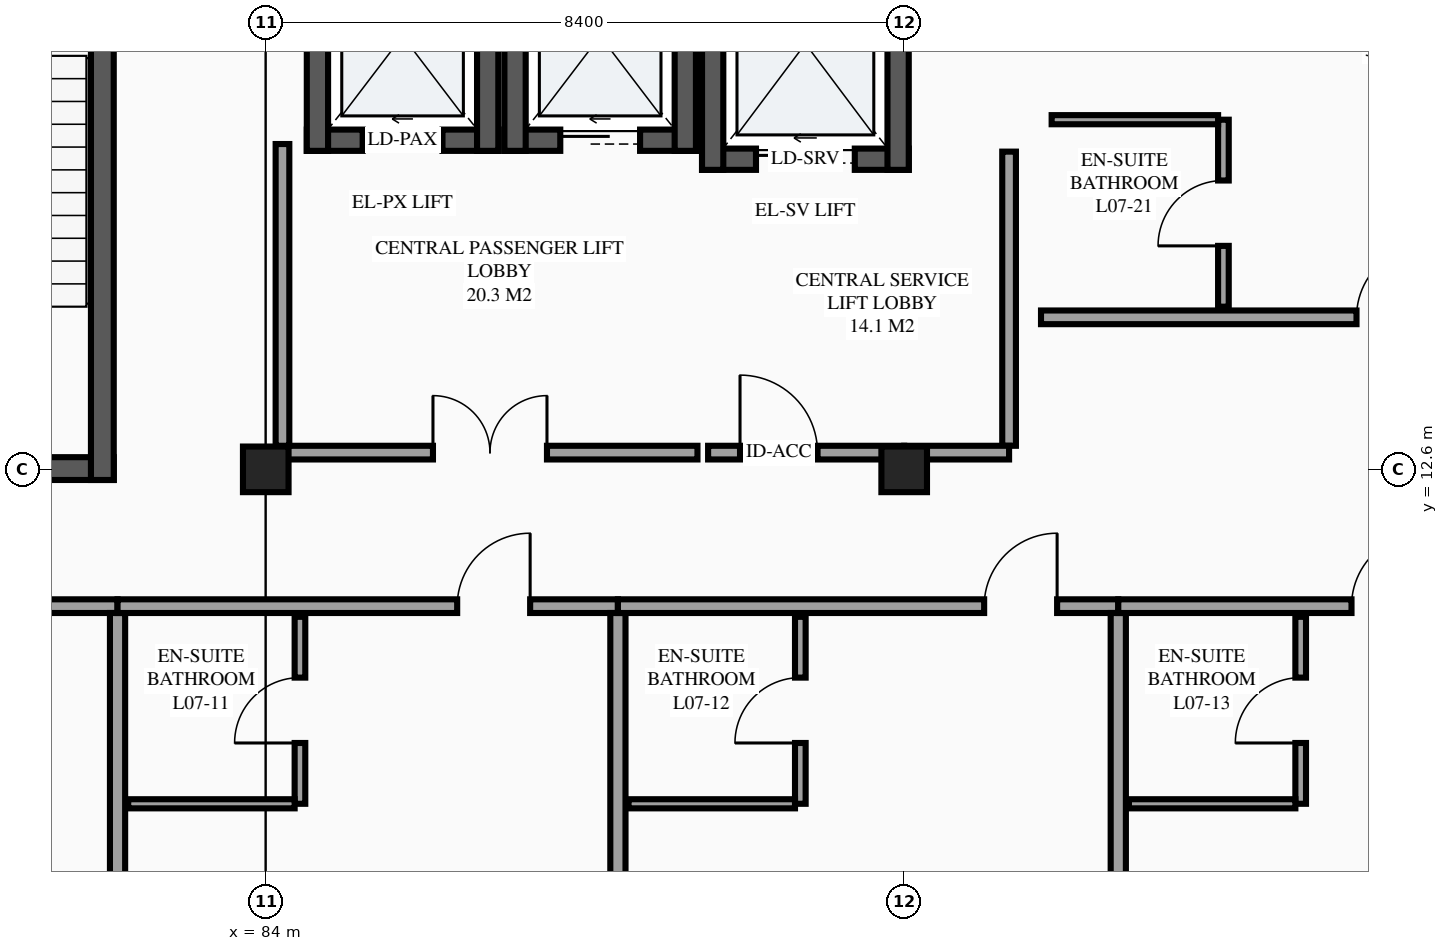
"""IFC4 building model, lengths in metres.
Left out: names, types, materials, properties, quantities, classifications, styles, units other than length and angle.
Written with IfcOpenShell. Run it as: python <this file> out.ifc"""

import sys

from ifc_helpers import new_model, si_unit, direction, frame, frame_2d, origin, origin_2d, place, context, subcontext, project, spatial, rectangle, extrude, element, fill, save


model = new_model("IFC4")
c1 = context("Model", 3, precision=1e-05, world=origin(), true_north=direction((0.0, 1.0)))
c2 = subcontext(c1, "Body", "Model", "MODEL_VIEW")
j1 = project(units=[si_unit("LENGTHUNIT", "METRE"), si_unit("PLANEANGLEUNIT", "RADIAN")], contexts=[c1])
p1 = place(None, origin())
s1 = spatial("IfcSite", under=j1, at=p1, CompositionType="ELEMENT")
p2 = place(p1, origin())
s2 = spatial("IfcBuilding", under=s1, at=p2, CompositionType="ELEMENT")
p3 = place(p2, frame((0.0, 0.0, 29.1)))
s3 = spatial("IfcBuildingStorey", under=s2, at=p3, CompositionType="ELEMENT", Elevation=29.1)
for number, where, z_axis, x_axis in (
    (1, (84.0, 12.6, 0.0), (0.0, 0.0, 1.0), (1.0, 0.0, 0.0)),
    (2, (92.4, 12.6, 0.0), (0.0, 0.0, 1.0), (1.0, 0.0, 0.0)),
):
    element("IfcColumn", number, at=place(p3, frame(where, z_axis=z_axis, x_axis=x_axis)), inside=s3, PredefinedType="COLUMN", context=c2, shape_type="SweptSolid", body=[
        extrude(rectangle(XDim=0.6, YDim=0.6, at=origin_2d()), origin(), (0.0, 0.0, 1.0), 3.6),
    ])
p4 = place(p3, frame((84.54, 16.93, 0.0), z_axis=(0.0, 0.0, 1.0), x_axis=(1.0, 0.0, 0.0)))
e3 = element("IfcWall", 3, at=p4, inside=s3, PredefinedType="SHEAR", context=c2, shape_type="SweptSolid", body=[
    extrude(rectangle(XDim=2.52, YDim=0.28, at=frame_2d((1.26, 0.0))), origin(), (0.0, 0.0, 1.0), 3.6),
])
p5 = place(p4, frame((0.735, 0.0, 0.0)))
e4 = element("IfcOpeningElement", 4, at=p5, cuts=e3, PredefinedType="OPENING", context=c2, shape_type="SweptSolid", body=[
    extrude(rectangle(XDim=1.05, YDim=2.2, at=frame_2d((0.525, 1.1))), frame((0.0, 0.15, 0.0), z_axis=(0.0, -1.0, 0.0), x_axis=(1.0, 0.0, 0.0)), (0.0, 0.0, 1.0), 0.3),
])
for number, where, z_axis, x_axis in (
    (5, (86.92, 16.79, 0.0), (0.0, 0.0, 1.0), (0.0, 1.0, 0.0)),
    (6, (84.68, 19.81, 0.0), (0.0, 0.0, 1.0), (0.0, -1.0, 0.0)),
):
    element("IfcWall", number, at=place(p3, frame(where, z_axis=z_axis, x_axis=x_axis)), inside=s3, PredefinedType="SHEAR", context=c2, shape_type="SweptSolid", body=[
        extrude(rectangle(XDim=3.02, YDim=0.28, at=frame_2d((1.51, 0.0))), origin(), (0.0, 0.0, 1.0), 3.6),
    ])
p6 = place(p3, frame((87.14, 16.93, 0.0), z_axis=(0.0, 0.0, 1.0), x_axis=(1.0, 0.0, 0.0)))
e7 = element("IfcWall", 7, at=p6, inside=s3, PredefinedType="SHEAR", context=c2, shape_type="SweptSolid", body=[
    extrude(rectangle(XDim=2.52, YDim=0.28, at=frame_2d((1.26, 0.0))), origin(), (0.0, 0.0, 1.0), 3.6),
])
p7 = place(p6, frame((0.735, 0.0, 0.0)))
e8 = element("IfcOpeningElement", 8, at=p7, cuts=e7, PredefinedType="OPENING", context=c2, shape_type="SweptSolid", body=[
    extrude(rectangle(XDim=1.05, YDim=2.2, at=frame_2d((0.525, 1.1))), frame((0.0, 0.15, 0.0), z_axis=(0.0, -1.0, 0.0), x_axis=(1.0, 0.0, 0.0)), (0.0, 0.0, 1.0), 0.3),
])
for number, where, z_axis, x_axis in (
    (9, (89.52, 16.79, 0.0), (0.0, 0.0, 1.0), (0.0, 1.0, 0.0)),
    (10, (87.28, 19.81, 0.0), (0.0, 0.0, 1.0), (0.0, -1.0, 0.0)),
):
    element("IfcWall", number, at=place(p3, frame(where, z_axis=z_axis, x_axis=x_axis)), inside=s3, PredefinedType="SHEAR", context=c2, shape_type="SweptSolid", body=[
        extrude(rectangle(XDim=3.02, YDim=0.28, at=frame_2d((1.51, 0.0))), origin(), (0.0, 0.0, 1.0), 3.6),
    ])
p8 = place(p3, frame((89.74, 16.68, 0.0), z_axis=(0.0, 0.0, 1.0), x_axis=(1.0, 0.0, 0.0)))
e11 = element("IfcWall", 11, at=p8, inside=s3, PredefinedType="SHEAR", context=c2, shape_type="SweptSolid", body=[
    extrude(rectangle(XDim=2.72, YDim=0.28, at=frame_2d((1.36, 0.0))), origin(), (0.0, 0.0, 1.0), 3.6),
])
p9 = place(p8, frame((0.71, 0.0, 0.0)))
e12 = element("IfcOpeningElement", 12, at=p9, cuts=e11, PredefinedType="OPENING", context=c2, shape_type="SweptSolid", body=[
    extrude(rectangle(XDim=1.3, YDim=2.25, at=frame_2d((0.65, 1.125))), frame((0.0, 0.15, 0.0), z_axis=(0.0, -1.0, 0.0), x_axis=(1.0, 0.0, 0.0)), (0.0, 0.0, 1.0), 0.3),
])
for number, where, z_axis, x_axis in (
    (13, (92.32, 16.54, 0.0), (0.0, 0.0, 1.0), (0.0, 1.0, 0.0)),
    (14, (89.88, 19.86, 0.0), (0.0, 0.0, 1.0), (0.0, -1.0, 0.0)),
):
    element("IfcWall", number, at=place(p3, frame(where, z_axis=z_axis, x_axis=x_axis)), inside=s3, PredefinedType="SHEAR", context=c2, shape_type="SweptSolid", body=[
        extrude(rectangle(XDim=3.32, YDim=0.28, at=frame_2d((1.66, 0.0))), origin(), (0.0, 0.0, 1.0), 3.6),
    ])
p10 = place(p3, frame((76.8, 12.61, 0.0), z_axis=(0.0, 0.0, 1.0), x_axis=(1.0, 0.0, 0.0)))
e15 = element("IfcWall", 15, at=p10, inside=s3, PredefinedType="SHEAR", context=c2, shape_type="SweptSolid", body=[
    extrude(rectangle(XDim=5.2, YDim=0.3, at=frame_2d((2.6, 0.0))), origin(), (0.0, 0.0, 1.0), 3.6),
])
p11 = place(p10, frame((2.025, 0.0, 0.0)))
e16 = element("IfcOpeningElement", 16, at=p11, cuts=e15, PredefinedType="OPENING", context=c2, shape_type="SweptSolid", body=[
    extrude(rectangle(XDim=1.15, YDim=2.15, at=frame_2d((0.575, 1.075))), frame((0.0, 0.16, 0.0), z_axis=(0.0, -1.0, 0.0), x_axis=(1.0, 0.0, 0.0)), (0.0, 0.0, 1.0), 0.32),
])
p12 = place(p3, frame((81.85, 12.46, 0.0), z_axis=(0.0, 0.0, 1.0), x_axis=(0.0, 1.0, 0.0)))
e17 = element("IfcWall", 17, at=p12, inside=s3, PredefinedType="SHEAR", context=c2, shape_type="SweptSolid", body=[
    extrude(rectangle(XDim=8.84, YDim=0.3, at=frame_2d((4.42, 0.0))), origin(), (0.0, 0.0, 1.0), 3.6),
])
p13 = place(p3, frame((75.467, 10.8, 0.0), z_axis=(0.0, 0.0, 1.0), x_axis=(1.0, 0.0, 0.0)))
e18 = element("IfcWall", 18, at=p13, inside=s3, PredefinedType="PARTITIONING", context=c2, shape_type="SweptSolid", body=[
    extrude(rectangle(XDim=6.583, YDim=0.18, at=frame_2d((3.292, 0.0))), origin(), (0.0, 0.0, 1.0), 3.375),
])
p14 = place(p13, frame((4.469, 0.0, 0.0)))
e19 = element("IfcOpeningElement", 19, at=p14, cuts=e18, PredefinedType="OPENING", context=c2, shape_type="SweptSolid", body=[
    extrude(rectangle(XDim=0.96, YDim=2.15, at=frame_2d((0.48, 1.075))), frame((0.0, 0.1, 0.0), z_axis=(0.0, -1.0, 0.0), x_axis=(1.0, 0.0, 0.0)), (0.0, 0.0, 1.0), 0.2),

Task description: Whenever a line in the entries above includes the word "spatial", pull that line out.

Solution:
from ifc_helpers import new_model, si_unit, direction, frame, frame_2d, origin, origin_2d, place, context, subcontext, project, spatial, rectangle, extrude, element, fill, save
s1 = spatial("IfcSite", under=j1, at=p1, CompositionType="ELEMENT")
s2 = spatial("IfcBuilding", under=s1, at=p2, CompositionType="ELEMENT")
s3 = spatial("IfcBuildingStorey", under=s2, at=p3, CompositionType="ELEMENT", Elevation=29.1)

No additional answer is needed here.